**DATA EXTRACTS:**
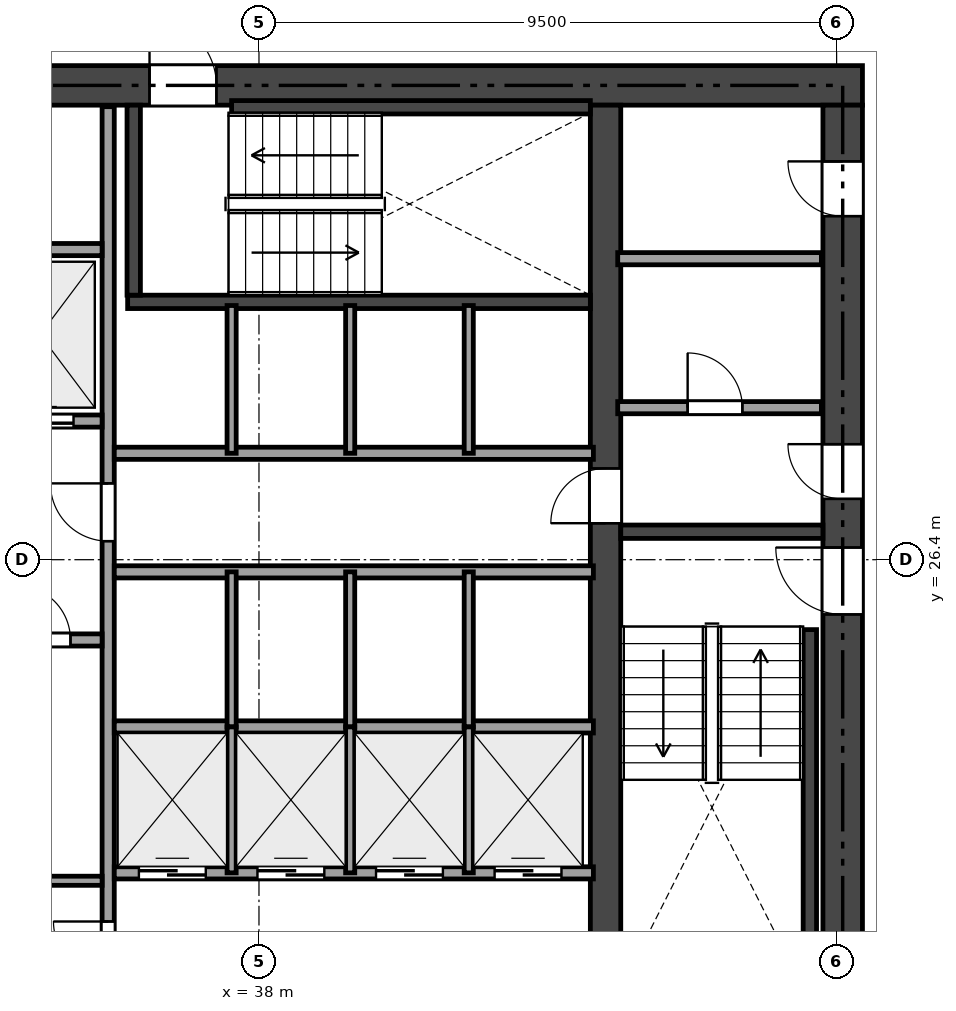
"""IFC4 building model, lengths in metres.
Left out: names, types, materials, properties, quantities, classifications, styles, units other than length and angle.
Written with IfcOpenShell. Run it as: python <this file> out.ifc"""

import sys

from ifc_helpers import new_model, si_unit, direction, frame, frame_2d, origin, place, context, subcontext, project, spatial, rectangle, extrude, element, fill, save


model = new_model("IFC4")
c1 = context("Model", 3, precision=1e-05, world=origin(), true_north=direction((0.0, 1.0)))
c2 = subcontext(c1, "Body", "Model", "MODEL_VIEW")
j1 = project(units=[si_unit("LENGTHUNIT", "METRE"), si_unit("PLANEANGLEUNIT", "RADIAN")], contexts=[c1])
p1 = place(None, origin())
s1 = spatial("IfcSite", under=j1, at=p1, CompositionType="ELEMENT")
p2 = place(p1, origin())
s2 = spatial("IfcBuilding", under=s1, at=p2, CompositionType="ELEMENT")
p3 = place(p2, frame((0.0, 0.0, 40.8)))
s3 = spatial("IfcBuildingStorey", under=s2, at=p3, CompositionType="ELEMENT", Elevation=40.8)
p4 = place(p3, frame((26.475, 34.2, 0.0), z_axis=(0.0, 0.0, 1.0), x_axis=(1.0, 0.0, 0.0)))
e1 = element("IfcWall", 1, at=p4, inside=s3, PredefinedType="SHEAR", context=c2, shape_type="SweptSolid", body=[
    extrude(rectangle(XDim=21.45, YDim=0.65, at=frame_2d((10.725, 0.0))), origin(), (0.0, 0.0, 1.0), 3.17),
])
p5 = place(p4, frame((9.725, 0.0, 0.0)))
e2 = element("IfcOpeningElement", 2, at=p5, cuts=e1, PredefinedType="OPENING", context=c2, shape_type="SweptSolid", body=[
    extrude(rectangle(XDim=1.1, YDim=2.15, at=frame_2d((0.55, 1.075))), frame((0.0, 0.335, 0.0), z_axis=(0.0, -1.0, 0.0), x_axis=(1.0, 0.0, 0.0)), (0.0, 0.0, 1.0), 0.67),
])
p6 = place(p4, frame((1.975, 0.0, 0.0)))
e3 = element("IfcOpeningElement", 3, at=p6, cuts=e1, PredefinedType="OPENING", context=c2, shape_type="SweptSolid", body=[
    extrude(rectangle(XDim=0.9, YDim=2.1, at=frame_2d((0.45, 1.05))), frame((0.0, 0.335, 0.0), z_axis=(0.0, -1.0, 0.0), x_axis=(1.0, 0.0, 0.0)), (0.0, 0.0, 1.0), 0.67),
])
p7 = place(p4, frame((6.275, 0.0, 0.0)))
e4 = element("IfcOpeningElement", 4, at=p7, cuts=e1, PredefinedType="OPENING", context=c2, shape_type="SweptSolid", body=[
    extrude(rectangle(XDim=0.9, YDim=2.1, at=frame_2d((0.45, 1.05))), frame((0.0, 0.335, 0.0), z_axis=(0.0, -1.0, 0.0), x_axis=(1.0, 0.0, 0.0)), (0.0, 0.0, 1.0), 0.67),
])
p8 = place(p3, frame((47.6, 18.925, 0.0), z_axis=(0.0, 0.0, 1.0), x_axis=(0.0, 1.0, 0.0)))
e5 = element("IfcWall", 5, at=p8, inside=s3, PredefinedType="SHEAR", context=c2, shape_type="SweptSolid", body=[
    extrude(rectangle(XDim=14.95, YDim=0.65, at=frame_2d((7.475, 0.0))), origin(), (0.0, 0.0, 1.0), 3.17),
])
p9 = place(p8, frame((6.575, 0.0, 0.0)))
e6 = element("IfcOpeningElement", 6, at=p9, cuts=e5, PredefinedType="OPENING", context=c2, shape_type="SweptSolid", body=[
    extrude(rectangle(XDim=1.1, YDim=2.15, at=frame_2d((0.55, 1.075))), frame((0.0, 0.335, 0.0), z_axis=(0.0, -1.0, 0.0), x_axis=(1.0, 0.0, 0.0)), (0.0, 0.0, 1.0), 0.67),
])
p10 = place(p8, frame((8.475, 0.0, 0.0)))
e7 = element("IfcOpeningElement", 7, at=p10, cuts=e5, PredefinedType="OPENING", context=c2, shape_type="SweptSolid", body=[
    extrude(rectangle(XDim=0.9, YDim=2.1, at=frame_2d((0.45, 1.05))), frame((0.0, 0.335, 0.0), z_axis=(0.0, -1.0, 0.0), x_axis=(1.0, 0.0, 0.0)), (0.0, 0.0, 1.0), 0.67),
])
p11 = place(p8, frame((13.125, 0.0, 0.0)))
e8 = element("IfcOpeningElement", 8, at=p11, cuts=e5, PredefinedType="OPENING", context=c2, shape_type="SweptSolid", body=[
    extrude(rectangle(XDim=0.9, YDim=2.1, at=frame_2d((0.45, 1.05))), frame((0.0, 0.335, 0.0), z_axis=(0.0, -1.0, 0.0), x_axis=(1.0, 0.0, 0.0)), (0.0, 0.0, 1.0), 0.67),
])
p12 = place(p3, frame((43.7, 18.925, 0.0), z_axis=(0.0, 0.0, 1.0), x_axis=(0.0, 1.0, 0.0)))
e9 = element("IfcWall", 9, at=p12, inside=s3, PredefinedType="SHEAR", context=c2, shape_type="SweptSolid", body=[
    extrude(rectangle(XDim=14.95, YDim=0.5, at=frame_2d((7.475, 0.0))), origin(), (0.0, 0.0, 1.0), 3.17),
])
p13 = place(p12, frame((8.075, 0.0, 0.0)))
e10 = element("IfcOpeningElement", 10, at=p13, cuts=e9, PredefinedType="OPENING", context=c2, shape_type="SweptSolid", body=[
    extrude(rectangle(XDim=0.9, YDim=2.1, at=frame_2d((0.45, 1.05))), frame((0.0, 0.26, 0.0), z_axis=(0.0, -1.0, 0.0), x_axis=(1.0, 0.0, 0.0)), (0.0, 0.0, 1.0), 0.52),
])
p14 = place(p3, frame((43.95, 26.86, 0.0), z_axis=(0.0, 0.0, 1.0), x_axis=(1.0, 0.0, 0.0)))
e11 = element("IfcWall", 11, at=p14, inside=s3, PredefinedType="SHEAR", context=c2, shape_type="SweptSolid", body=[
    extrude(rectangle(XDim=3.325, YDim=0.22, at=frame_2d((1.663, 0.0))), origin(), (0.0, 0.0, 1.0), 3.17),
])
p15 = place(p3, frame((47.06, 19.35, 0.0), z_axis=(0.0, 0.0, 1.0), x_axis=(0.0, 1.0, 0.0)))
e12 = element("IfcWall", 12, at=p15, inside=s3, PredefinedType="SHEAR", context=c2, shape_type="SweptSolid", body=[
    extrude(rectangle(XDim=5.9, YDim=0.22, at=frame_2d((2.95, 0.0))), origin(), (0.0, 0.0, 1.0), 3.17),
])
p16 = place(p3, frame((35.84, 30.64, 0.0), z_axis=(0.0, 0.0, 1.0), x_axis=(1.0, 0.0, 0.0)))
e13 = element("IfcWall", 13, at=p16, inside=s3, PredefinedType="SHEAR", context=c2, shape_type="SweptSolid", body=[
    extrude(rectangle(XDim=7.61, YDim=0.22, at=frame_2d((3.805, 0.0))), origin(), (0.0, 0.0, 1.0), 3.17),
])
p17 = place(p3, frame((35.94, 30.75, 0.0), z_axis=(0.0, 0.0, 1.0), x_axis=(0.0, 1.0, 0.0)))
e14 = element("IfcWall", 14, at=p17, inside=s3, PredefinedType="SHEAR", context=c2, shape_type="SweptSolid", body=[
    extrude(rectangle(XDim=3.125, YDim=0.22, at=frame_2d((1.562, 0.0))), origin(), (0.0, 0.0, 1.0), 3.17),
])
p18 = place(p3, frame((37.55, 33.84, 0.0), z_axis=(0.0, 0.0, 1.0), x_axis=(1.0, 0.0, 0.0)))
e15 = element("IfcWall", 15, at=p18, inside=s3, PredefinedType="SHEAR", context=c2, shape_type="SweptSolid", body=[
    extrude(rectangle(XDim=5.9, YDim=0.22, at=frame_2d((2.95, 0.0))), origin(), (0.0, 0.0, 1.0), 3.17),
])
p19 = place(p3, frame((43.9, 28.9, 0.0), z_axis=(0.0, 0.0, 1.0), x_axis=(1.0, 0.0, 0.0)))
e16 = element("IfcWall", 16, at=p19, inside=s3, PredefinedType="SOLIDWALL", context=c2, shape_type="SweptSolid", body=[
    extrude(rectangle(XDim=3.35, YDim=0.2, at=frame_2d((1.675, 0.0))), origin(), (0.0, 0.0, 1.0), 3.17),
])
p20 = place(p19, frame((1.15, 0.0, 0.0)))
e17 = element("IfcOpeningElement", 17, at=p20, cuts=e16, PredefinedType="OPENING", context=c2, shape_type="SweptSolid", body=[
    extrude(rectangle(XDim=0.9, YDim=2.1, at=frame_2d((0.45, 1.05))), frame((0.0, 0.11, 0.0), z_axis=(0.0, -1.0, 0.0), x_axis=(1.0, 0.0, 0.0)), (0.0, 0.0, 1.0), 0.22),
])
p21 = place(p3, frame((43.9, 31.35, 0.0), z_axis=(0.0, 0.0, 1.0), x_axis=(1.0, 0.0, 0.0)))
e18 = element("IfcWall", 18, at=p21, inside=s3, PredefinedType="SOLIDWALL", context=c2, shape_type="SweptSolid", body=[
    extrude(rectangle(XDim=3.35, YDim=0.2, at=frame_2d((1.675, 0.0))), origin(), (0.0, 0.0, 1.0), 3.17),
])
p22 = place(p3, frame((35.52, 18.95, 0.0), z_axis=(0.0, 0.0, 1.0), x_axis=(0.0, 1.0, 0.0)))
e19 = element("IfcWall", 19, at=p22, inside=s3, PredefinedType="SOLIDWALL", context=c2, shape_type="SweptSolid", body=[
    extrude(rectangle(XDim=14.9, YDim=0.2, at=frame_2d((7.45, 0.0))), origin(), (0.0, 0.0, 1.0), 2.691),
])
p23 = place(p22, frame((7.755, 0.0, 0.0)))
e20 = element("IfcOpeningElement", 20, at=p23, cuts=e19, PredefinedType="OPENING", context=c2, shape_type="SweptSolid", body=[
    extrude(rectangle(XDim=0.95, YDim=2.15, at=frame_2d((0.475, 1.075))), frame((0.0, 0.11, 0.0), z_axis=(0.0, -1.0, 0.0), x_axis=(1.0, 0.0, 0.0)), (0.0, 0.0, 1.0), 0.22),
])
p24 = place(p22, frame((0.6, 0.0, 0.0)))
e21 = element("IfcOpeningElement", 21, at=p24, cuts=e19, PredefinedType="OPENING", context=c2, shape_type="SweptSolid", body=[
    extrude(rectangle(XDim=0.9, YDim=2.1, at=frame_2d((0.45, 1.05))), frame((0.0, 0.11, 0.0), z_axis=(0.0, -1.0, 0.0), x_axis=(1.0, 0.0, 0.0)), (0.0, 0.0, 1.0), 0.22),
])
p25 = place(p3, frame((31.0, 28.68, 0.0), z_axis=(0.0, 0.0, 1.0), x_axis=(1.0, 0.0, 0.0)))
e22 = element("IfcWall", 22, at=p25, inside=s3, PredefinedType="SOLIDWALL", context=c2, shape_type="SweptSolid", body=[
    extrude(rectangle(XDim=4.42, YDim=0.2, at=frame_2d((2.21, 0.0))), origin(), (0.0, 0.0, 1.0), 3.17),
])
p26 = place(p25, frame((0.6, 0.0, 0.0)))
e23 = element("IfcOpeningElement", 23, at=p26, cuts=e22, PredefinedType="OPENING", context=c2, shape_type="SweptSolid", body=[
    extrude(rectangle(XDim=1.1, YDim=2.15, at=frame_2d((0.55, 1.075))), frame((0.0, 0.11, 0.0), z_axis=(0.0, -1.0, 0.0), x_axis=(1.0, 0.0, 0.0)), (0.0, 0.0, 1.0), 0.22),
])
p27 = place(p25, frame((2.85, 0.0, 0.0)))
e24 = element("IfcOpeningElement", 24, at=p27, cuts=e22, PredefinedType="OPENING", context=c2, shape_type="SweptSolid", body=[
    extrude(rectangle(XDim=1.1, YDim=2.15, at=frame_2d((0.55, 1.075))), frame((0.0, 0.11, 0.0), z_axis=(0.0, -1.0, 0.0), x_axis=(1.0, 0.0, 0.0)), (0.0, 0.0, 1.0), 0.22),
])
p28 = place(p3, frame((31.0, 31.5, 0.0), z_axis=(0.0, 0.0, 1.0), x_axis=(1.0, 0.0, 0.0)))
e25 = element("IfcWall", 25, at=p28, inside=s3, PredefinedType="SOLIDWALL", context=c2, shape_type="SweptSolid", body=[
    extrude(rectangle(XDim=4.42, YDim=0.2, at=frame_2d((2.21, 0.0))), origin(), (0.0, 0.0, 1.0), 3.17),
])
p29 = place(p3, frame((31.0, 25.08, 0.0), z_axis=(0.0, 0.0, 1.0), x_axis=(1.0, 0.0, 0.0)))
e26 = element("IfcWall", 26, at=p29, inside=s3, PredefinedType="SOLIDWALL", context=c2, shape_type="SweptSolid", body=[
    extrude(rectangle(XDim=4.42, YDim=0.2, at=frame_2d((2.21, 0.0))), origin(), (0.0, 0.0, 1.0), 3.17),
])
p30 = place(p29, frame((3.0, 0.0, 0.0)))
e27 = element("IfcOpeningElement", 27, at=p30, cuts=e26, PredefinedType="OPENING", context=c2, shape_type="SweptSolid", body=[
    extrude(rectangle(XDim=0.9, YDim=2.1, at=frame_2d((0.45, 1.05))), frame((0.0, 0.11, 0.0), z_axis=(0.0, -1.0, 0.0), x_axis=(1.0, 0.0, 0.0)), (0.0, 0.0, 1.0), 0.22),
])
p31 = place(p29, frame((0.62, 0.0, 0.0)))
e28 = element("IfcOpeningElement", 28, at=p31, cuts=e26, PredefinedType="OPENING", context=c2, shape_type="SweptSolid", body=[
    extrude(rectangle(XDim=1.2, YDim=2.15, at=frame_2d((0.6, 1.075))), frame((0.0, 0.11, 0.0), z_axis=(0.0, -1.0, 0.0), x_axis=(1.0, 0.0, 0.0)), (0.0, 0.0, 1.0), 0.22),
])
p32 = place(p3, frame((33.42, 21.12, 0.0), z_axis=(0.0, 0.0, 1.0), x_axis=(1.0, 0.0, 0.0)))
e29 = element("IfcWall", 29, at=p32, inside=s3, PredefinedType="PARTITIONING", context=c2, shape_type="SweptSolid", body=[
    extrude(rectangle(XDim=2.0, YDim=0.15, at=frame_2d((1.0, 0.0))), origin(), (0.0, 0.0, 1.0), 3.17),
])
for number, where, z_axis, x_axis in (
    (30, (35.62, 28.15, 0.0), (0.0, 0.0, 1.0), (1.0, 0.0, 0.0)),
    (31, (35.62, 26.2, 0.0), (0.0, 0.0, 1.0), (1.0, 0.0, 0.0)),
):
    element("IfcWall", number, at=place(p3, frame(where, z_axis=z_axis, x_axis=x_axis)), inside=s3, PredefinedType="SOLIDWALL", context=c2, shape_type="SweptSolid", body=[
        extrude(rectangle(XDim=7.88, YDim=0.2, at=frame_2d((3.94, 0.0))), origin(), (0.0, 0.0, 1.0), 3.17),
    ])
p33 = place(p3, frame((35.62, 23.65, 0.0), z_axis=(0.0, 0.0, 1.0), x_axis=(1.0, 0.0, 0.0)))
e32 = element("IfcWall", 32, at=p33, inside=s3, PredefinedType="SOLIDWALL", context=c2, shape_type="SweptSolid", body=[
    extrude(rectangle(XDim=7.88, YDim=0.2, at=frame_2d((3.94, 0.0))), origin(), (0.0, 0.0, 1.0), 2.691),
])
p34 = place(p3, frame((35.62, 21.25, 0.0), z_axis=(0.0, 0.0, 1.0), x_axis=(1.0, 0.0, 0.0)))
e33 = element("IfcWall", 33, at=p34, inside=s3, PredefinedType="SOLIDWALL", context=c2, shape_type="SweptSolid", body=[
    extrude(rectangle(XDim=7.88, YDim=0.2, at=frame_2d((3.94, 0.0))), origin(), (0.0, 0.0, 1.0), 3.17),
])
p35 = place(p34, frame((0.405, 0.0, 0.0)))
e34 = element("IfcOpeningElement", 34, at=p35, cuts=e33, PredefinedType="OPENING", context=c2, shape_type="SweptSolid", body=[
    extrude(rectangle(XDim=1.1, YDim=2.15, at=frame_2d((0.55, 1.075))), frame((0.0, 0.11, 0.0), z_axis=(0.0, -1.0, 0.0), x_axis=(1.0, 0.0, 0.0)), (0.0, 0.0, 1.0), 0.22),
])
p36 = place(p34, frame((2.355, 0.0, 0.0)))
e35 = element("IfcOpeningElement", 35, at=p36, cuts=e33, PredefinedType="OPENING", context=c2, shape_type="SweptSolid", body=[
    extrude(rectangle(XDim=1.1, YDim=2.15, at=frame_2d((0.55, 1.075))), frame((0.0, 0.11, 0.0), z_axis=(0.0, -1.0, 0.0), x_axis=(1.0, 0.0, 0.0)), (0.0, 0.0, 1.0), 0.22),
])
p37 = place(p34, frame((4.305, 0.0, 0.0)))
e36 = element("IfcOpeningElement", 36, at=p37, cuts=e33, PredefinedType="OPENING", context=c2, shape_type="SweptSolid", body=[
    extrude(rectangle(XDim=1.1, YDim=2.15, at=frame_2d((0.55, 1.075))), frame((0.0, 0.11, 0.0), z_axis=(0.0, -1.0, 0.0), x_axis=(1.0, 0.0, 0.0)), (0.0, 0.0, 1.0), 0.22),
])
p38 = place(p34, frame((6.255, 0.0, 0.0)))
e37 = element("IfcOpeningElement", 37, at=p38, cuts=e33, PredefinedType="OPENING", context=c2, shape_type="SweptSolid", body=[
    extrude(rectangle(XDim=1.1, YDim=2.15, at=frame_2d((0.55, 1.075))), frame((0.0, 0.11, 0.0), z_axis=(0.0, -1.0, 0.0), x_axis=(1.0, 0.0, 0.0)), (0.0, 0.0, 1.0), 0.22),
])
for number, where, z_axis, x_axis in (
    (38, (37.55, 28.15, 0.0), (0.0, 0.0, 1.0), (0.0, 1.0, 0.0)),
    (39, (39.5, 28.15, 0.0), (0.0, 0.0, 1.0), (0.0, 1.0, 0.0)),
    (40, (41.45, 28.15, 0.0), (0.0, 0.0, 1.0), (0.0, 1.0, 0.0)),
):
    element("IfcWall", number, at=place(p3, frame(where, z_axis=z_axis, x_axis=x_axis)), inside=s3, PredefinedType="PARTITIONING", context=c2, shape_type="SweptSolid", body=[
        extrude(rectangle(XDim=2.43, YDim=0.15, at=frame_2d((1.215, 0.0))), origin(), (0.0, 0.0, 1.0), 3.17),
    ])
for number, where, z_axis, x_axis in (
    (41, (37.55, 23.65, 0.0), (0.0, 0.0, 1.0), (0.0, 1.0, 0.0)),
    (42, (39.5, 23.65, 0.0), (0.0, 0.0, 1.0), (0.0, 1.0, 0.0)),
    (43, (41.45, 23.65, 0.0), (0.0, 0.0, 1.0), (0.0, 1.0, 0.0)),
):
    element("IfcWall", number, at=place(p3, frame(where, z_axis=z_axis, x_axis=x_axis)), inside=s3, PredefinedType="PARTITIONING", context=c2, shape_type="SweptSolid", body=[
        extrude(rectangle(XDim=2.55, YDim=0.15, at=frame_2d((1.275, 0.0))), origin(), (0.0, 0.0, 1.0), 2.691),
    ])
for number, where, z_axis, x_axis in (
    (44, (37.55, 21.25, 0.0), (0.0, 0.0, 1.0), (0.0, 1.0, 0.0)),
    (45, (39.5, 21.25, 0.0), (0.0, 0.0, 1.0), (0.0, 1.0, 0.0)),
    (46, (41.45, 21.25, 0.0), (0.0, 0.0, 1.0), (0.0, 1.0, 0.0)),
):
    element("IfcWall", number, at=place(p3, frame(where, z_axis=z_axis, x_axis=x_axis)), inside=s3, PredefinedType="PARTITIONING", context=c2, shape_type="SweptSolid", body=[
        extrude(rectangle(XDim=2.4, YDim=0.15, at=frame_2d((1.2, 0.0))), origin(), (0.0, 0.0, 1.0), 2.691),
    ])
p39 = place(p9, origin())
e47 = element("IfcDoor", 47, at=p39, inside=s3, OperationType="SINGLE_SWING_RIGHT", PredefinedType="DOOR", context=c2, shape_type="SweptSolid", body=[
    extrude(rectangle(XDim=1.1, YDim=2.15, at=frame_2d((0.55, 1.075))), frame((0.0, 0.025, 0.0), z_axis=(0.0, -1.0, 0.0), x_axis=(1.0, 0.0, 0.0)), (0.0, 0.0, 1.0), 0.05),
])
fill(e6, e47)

**WORK TASK:** Look through the records and count each line that holds "fill". Write only the total.

**EXERCISE RESULT:** 2